◆ **Problem details**
From the first line down to the one containing "world=origin(), true_north=direction((0.0, 1.0)))", reproduce the entries below exactly and leave out the pictures.

☆ ☆ ☆ ☆ ☆ ☆ ☆

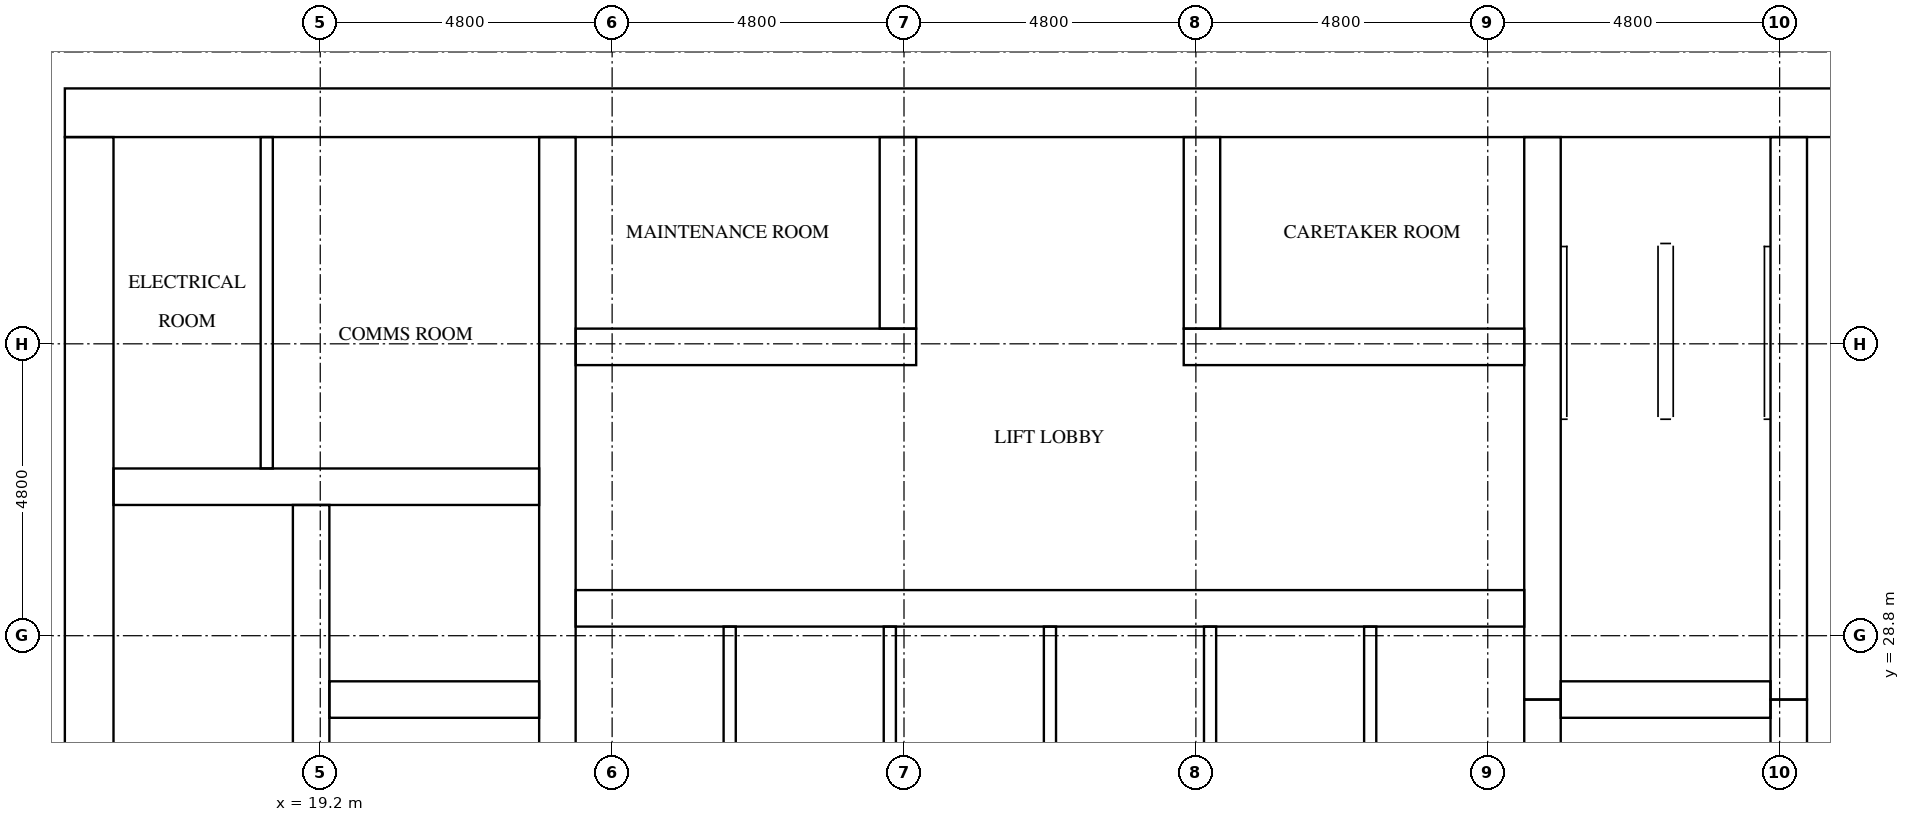
"""IFC4 building model, lengths in metres.
Left out: names, types, materials, properties, quantities, classifications, styles, units other than length and angle.
Written with IfcOpenShell. Run it as: python <this file> out.ifc"""

import sys

from ifc_helpers import new_model, si_unit, direction, frame, frame_2d, origin, place, context, subcontext, project, spatial, rectangle, extrude, element, fill, save


model = new_model("IFC4")
c1 = context("Model", 3, precision=1e-05, world=origin(), true_north=direction((0.0, 1.0)))
c2 = subcontext(c1, "Body", "Model", "MODEL_VIEW")
j1 = project(units=[si_unit("LENGTHUNIT", "METRE"), si_unit("PLANEANGLEUNIT", "RADIAN")], contexts=[c1])
p1 = place(None, origin())
s1 = spatial("IfcSite", under=j1, at=p1, CompositionType="ELEMENT")
p2 = place(p1, origin())
s2 = spatial("IfcBuilding", under=s1, at=p2, CompositionType="ELEMENT")
p3 = place(p2, frame((0.0, 0.0, 152.5)))
s3 = spatial("IfcBuildingStorey", under=s2, at=p3, CompositionType="ELEMENT", Elevation=152.5)
p4 = place(p3, frame((15.0, 37.4, 0.0), z_axis=(0.0, 0.0, 1.0), x_axis=(1.0, 0.0, 0.0)))
e1 = element("IfcWall", 1, at=p4, inside=s3, PredefinedType="SHEAR", context=c2, shape_type="SweptSolid", body=[
    extrude(rectangle(XDim=32.4, YDim=0.8, at=frame_2d((16.2, 0.0))), origin(), (0.0, 0.0, 1.0), 3.2),
])
p5 = place(p4, frame((15.3, 0.0, 0.0)))
e2 = element("IfcOpeningElement", 2, at=p5, cuts=e1, PredefinedType="OPENING", context=c2, shape_type="SweptSolid", body=[
    extrude(rectangle(XDim=1.8, YDim=2.1, at=frame_2d((0.9, 1.05))), frame((0.0, 0.41, 0.0), z_axis=(0.0, -1.0, 0.0), x_axis=(1.0, 0.0, 0.0)), (0.0, 0.0, 1.0), 0.82),
])
p6 = place(p4, frame((1.51, 0.0, 0.0)))
e3 = element("IfcOpeningElement", 3, at=p6, cuts=e1, PredefinedType="OPENING", context=c2, shape_type="SweptSolid", body=[
    extrude(rectangle(XDim=1.0, YDim=2.1, at=frame_2d((0.5, 1.05))), frame((0.0, 0.41, 0.0), z_axis=(0.0, -1.0, 0.0), x_axis=(1.0, 0.0, 0.0)), (0.0, 0.0, 1.0), 0.82),
])
p7 = place(p4, frame((5.11, 0.0, 0.0)))
e4 = element("IfcOpeningElement", 4, at=p7, cuts=e1, PredefinedType="OPENING", context=c2, shape_type="SweptSolid", body=[
    extrude(rectangle(XDim=1.0, YDim=2.1, at=frame_2d((0.5, 1.05))), frame((0.0, 0.41, 0.0), z_axis=(0.0, -1.0, 0.0), x_axis=(1.0, 0.0, 0.0)), (0.0, 0.0, 1.0), 0.82),
])
p8 = place(p3, frame((15.4, 15.8, 0.0), z_axis=(0.0, 0.0, 1.0), x_axis=(0.0, 1.0, 0.0)))
e5 = element("IfcWall", 5, at=p8, inside=s3, PredefinedType="SHEAR", context=c2, shape_type="SweptSolid", body=[
    extrude(rectangle(XDim=21.2, YDim=0.8, at=frame_2d((10.6, 0.0))), origin(), (0.0, 0.0, 1.0), 3.2),
])
p9 = place(p8, frame((4.96, 0.0, 0.0)))
e6 = element("IfcOpeningElement", 6, at=p9, cuts=e5, PredefinedType="OPENING", context=c2, shape_type="SweptSolid", body=[
    extrude(rectangle(XDim=1.2, YDim=2.1, at=frame_2d((0.6, 1.05))), frame((0.0, 0.41, 0.0), z_axis=(0.0, -1.0, 0.0), x_axis=(1.0, 0.0, 0.0)), (0.0, 0.0, 1.0), 0.82),
])
p10 = place(p3, frame((19.05, 15.8, 0.0), z_axis=(0.0, 0.0, 1.0), x_axis=(0.0, 1.0, 0.0)))
e7 = element("IfcWall", 7, at=p10, inside=s3, PredefinedType="SHEAR", context=c2, shape_type="SweptSolid", body=[
    extrude(rectangle(XDim=15.15, YDim=0.6, at=frame_2d((7.575, 0.0))), origin(), (0.0, 0.0, 1.0), 3.2),
])
p11 = place(p10, frame((9.65, 0.0, 0.0)))
e8 = element("IfcOpeningElement", 8, at=p11, cuts=e7, PredefinedType="OPENING", context=c2, shape_type="SweptSolid", body=[
    extrude(rectangle(XDim=1.1, YDim=2.1, at=frame_2d((0.55, 1.05))), frame((0.0, 0.31, 0.0), z_axis=(0.0, -1.0, 0.0), x_axis=(1.0, 0.0, 0.0)), (0.0, 0.0, 1.0), 0.62),
])
p12 = place(p10, frame((13.15, 0.0, 0.0)))
e9 = element("IfcOpeningElement", 9, at=p12, cuts=e7, PredefinedType="OPENING", context=c2, shape_type="SweptSolid", body=[
    extrude(rectangle(XDim=1.1, YDim=2.1, at=frame_2d((0.55, 1.05))), frame((0.0, 0.31, 0.0), z_axis=(0.0, -1.0, 0.0), x_axis=(1.0, 0.0, 0.0)), (0.0, 0.0, 1.0), 0.62),
])
p13 = place(p10, frame((0.4, 0.0, 0.0)))
e10 = element("IfcOpeningElement", 10, at=p13, cuts=e7, PredefinedType="OPENING", context=c2, shape_type="SweptSolid", body=[
    extrude(rectangle(XDim=1.2, YDim=2.1, at=frame_2d((0.6, 1.05))), frame((0.0, 0.31, 0.0), z_axis=(0.0, -1.0, 0.0), x_axis=(1.0, 0.0, 0.0)), (0.0, 0.0, 1.0), 0.62),
])
p14 = place(p3, frame((23.1, 15.8, 0.0), z_axis=(0.0, 0.0, 1.0), x_axis=(0.0, 1.0, 0.0)))
e11 = element("IfcWall", 11, at=p14, inside=s3, PredefinedType="SHEAR", context=c2, shape_type="SweptSolid", body=[
    extrude(rectangle(XDim=21.2, YDim=0.6, at=frame_2d((10.6, 0.0))), origin(), (0.0, 0.0, 1.0), 3.2),
])
p15 = place(p3, frame((39.3, 24.25, 0.0), z_axis=(0.0, 0.0, 1.0), x_axis=(0.0, 1.0, 0.0)))
e12 = element("IfcWall", 12, at=p15, inside=s3, PredefinedType="SHEAR", context=c2, shape_type="SweptSolid", body=[
    extrude(rectangle(XDim=3.5, YDim=0.6, at=frame_2d((1.75, 0.0))), origin(), (0.0, 0.0, 1.0), 3.2),
])
p16 = place(p3, frame((39.3, 27.75, 0.0), z_axis=(0.0, 0.0, 1.0), x_axis=(0.0, 1.0, 0.0)))
e13 = element("IfcWall", 13, at=p16, inside=s3, PredefinedType="SHEAR", context=c2, shape_type="SweptSolid", body=[
    extrude(rectangle(XDim=9.25, YDim=0.6, at=frame_2d((4.625, 0.0))), origin(), (0.0, 0.0, 1.0), 3.2),
])
p17 = place(p3, frame((43.35, 24.25, 0.0), z_axis=(0.0, 0.0, 1.0), x_axis=(0.0, 1.0, 0.0)))
e14 = element("IfcWall", 14, at=p17, inside=s3, PredefinedType="SHEAR", context=c2, shape_type="SweptSolid", body=[
    extrude(rectangle(XDim=3.5, YDim=0.6, at=frame_2d((1.75, 0.0))), origin(), (0.0, 0.0, 1.0), 3.2),
])
p18 = place(p17, frame((1.2, 0.0, 0.0)))
e15 = element("IfcOpeningElement", 15, at=p18, cuts=e14, PredefinedType="OPENING", context=c2, shape_type="SweptSolid", body=[
    extrude(rectangle(XDim=1.1, YDim=2.1, at=frame_2d((0.55, 1.05))), frame((0.0, 0.31, 0.0), z_axis=(0.0, -1.0, 0.0), x_axis=(1.0, 0.0, 0.0)), (0.0, 0.0, 1.0), 0.62),
])
p19 = place(p3, frame((43.35, 27.75, 0.0), z_axis=(0.0, 0.0, 1.0), x_axis=(0.0, 1.0, 0.0)))
e16 = element("IfcWall", 16, at=p19, inside=s3, PredefinedType="SHEAR", context=c2, shape_type="SweptSolid", body=[
    extrude(rectangle(XDim=9.25, YDim=0.6, at=frame_2d((4.625, 0.0))), origin(), (0.0, 0.0, 1.0), 3.2),
])
p20 = place(p19, frame((7.65, 0.0, 0.0)))
e17 = element("IfcOpeningElement", 17, at=p20, cuts=e16, PredefinedType="OPENING", context=c2, shape_type="SweptSolid", body=[
    extrude(rectangle(XDim=1.2, YDim=2.1, at=frame_2d((0.6, 1.05))), frame((0.0, 0.31, 0.0), z_axis=(0.0, -1.0, 0.0), x_axis=(1.0, 0.0, 0.0)), (0.0, 0.0, 1.0), 0.62),
])
p21 = place(p3, frame((19.35, 27.75, 0.0), z_axis=(0.0, 0.0, 1.0), x_axis=(1.0, 0.0, 0.0)))
e18 = element("IfcWall", 18, at=p21, inside=s3, PredefinedType="SHEAR", context=c2, shape_type="SweptSolid", body=[
    extrude(rectangle(XDim=3.45, YDim=0.6, at=frame_2d((1.725, 0.0))), origin(), (0.0, 0.0, 1.0), 3.2),
])
p22 = place(p3, frame((15.8, 31.25, 0.0), z_axis=(0.0, 0.0, 1.0), x_axis=(1.0, 0.0, 0.0)))
e19 = element("IfcWall", 19, at=p22, inside=s3, PredefinedType="SHEAR", context=c2, shape_type="SweptSolid", body=[
    extrude(rectangle(XDim=7.0, YDim=0.6, at=frame_2d((3.5, 0.0))), origin(), (0.0, 0.0, 1.0), 3.2),
])
p23 = place(p3, frame((39.6, 27.75, 0.0), z_axis=(0.0, 0.0, 1.0), x_axis=(1.0, 0.0, 0.0)))
e20 = element("IfcWall", 20, at=p23, inside=s3, PredefinedType="SHEAR", context=c2, shape_type="SweptSolid", body=[
    extrude(rectangle(XDim=3.45, YDim=0.6, at=frame_2d((1.725, 0.0))), origin(), (0.0, 0.0, 1.0), 3.2),
])
p24 = place(p3, frame((23.4, 29.25, 0.0), z_axis=(0.0, 0.0, 1.0), x_axis=(1.0, 0.0, 0.0)))
e21 = element("IfcWall", 21, at=p24, inside=s3, PredefinedType="SHEAR", context=c2, shape_type="SweptSolid", body=[
    extrude(rectangle(XDim=15.6, YDim=0.6, at=frame_2d((7.8, 0.0))), origin(), (0.0, 0.0, 1.0), 3.2),
])
p25 = place(p24, frame((0.667, 0.0, 0.0)))
e22 = element("IfcOpeningElement", 22, at=p25, cuts=e21, PredefinedType="OPENING", context=c2, shape_type="SweptSolid", body=[
    extrude(rectangle(XDim=1.1, YDim=2.1, at=frame_2d((0.55, 1.05))), frame((0.0, 0.31, 0.0), z_axis=(0.0, -1.0, 0.0), x_axis=(1.0, 0.0, 0.0)), (0.0, 0.0, 1.0), 0.62),
])
p26 = place(p24, frame((3.3, 0.0, 0.0)))
e23 = element("IfcOpeningElement", 23, at=p26, cuts=e21, PredefinedType="OPENING", context=c2, shape_type="SweptSolid", body=[
    extrude(rectangle(XDim=1.1, YDim=2.1, at=frame_2d((0.55, 1.05))), frame((0.0, 0.31, 0.0), z_axis=(0.0, -1.0, 0.0), x_axis=(1.0, 0.0, 0.0)), (0.0, 0.0, 1.0), 0.62),
])
p27 = place(p24, frame((5.933, 0.0, 0.0)))
e24 = element("IfcOpeningElement", 24, at=p27, cuts=e21, PredefinedType="OPENING", context=c2, shape_type="SweptSolid", body=[
    extrude(rectangle(XDim=1.1, YDim=2.1, at=frame_2d((0.55, 1.05))), frame((0.0, 0.31, 0.0), z_axis=(0.0, -1.0, 0.0), x_axis=(1.0, 0.0, 0.0)), (0.0, 0.0, 1.0), 0.62),
])
p28 = place(p24, frame((8.567, 0.0, 0.0)))
e25 = element("IfcOpeningElement", 25, at=p28, cuts=e21, PredefinedType="OPENING", context=c2, shape_type="SweptSolid", body=[
    extrude(rectangle(XDim=1.1, YDim=2.1, at=frame_2d((0.55, 1.05))), frame((0.0, 0.31, 0.0), z_axis=(0.0, -1.0, 0.0), x_axis=(1.0, 0.0, 0.0)), (0.0, 0.0, 1.0), 0.62),
])
p29 = place(p24, frame((11.2, 0.0, 0.0)))
e26 = element("IfcOpeningElement", 26, at=p29, cuts=e21, PredefinedType="OPENING", context=c2, shape_type="SweptSolid", body=[
    extrude(rectangle(XDim=1.1, YDim=2.1, at=frame_2d((0.55, 1.05))), frame((0.0, 0.31, 0.0), z_axis=(0.0, -1.0, 0.0), x_axis=(1.0, 0.0, 0.0)), (0.0, 0.0, 1.0), 0.62),
])
p30 = place(p24, frame((13.833, 0.0, 0.0)))
e27 = element("IfcOpeningElement", 27, at=p30, cuts=e21, PredefinedType="OPENING", context=c2, shape_type="SweptSolid", body=[
    extrude(rectangle(XDim=1.1, YDim=2.1, at=frame_2d((0.55, 1.05))), frame((0.0, 0.31, 0.0), z_axis=(0.0, -1.0, 0.0), x_axis=(1.0, 0.0, 0.0)), (0.0, 0.0, 1.0), 0.62),
])
p31 = place(p3, frame((23.4, 33.55, 0.0), z_axis=(0.0, 0.0, 1.0), x_axis=(1.0, 0.0, 0.0)))
e28 = element("IfcWall", 28, at=p31, inside=s3, PredefinedType="SHEAR", context=c2, shape_type="SweptSolid", body=[
    extrude(rectangle(XDim=5.6, YDim=0.6, at=frame_2d((2.8, 0.0))), origin(), (0.0, 0.0, 1.0), 3.2),
])
p32 = place(p31, frame((2.0, 0.0, 0.0)))
e29 = element("IfcOpeningElement", 29, at=p32, cuts=e28, PredefinedType="OPENING", context=c2, shape_type="SweptSolid", body=[
    extrude(rectangle(XDim=1.0, YDim=2.1, at=frame_2d((0.5, 1.05))), frame((0.0, 0.31, 0.0), z_axis=(0.0, -1.0, 0.0), x_axis=(1.0, 0.0, 0.0)), (0.0, 0.0, 1.0), 0.62),
])
p33 = place(p3, frame((33.4, 33.55, 0.0), z_axis=(0.0, 0.0, 1.0), x_axis=(1.0, 0.0, 0.0)))
e30 = element("IfcWall", 30, at=p33, inside=s3, PredefinedType="SHEAR", context=c2, shape_type="SweptSolid", body=[
    extrude(rectangle(XDim=5.6, YDim=0.6, at=frame_2d((2.8, 0.0))), origin(), (0.0, 0.0, 1.0), 3.2),
])
p34 = place(p33, frame((2.6, 0.0, 0.0)))
e31 = element("IfcOpeningElement", 31, at=p34, cuts=e30, PredefinedType="OPENING", context=c2, shape_type="SweptSolid", body=[
    extrude(rectangle(XDim=1.0, YDim=2.1, at=frame_2d((0.5, 1.05))), frame((0.0, 0.31, 0.0), z_axis=(0.0, -1.0, 0.0), x_axis=(1.0, 0.0, 0.0)), (0.0, 0.0, 1.0), 0.62),
])
for number, where, z_axis, x_axis in (
    (32, (28.7, 33.85, 0.0), (0.0, 0.0, 1.0), (0.0, 1.0, 0.0)),
    (33, (33.7, 33.85, 0.0), (0.0, 0.0, 1.0), (0.0, 1.0, 0.0)),
):
    element("IfcWall", number, at=place(p3, frame(where, z_axis=z_axis, x_axis=x_axis)), inside=s3, PredefinedType="SHEAR", context=c2, shape_type="SweptSolid", body=[
        extrude(rectangle(XDim=3.15, YDim=0.6, at=frame_2d((1.575, 0.0))), origin(), (0.0, 0.0, 1.0), 3.2),
    ])
for number, where, z_axis, x_axis in (
    (34, (25.933, 26.45, 0.0), (0.0, 0.0, 1.0), (0.0, 1.0, 0.0)),
    (35, (28.567, 26.45, 0.0), (0.0, 0.0, 1.0), (0.0, 1.0, 0.0)),
    (36, (31.2, 26.45, 0.0), (0.0, 0.0, 1.0), (0.0, 1.0, 0.0)),
    (37, (33.833, 26.45, 0.0), (0.0, 0.0, 1.0), (0.0, 1.0, 0.0)),
    (38, (36.467, 26.45, 0.0), (0.0, 0.0, 1.0), (0.0, 1.0, 0.0)),
):
    element("IfcWall", number, at=place(p3, frame(where, z_axis=z_axis, x_axis=x_axis)), inside=s3, PredefinedType="SOLIDWALL", context=c2, shape_type="SweptSolid", body=[
        extrude(rectangle(XDim=2.5, YDim=0.2, at=frame_2d((1.25, 0.0))), origin(), (0.0, 0.0, 1.0), 3.2),
    ])
p35 = place(p3, frame((18.32, 31.55, 0.0), z_axis=(0.0, 0.0, 1.0), x_axis=(0.0, 1.0, 0.0)))
e39 = element("IfcWall", 39, at=p35, inside=s3, PredefinedType="PARTITIONING", context=c2, shape_type="SweptSolid", body=[
    extrude(rectangle(XDim=5.45, YDim=0.2, at=frame_2d((2.725, 0.0))), origin(), (0.0, 0.0, 1.0), 3.2),
])
p36 = place(p25, origin())
e40 = element("IfcDoor", 40, at=p36, inside=s3, OperationType="DOUBLE_DOOR_SLIDING", PredefinedType="DOOR", context=c2, shape_type="SweptSolid", body=[
    extrude(rectangle(XDim=1.1, YDim=2.1, at=frame_2d((0.55, 1.05))), frame((0.0, 0.025, 0.0), z_axis=(0.0, -1.0, 0.0), x_axis=(1.0, 0.0, 0.0)), (0.0, 0.0, 1.0), 0.05),
])
fill(e22, e40)
p37 = place(p26, origin())
e41 = element("IfcDoor", 41, at=p37, inside=s3, OperationType="DOUBLE_DOOR_SLIDING", PredefinedType="DOOR", context=c2, shape_type="SweptSolid", body=[
    extrude(rectangle(XDim=1.1, YDim=2.1, at=frame_2d((0.55, 1.05))), frame((0.0, 0.025, 0.0), z_axis=(0.0, -1.0, 0.0), x_axis=(1.0, 0.0, 0.0)), (0.0, 0.0, 1.0), 0.05),
])
fill(e23, e41)
p38 = place(p27, origin())
e42 = element("IfcDoor", 42, at=p38, inside=s3, OperationType="DOUBLE_DOOR_SLIDING", PredefinedType="DOOR", context=c2, shape_type="SweptSolid", body=[
    extrude(rectangle(XDim=1.1, YDim=2.1, at=frame_2d((0.55, 1.05))), frame((0.0, 0.025, 0.0), z_axis=(0.0, -1.0, 0.0), x_axis=(1.0, 0.0, 0.0)), (0.0, 0.0, 1.0), 0.05),
])
fill(e24, e42)
p39 = place(p28, origin())
e43 = element("IfcDoor", 43, at=p39, inside=s3, OperationType="DOUBLE_DOOR_SLIDING", PredefinedType="DOOR", context=c2, shape_type="SweptSolid", body=[
    extrude(rectangle(XDim=1.1, YDim=2.1, at=frame_2d((0.55, 1.05))), frame((0.0, 0.025, 0.0), z_axis=(0.0, -1.0, 0.0), x_axis=(1.0, 0.0, 0.0)), (0.0, 0.0, 1.0), 0.05),
])
fill(e25, e43)
p40 = place(p29, origin())
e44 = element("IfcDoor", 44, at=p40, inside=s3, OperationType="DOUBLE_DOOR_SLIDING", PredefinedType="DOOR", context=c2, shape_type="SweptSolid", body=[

☆ ☆ ☆ ☆ ☆ ☆ ☆

◆ **Written solution**
"""IFC4 building model, lengths in metres.
Left out: names, types, materials, properties, quantities, classifications, styles, units other than length and angle.
Written with IfcOpenShell. Run it as: python <this file> out.ifc"""

import sys

from ifc_helpers import new_model, si_unit, direction, frame, frame_2d, origin, place, context, subcontext, project, spatial, rectangle, extrude, element, fill, save


model = new_model("IFC4")
c1 = context("Model", 3, precision=1e-05, world=origin(), true_north=direction((0.0, 1.0)))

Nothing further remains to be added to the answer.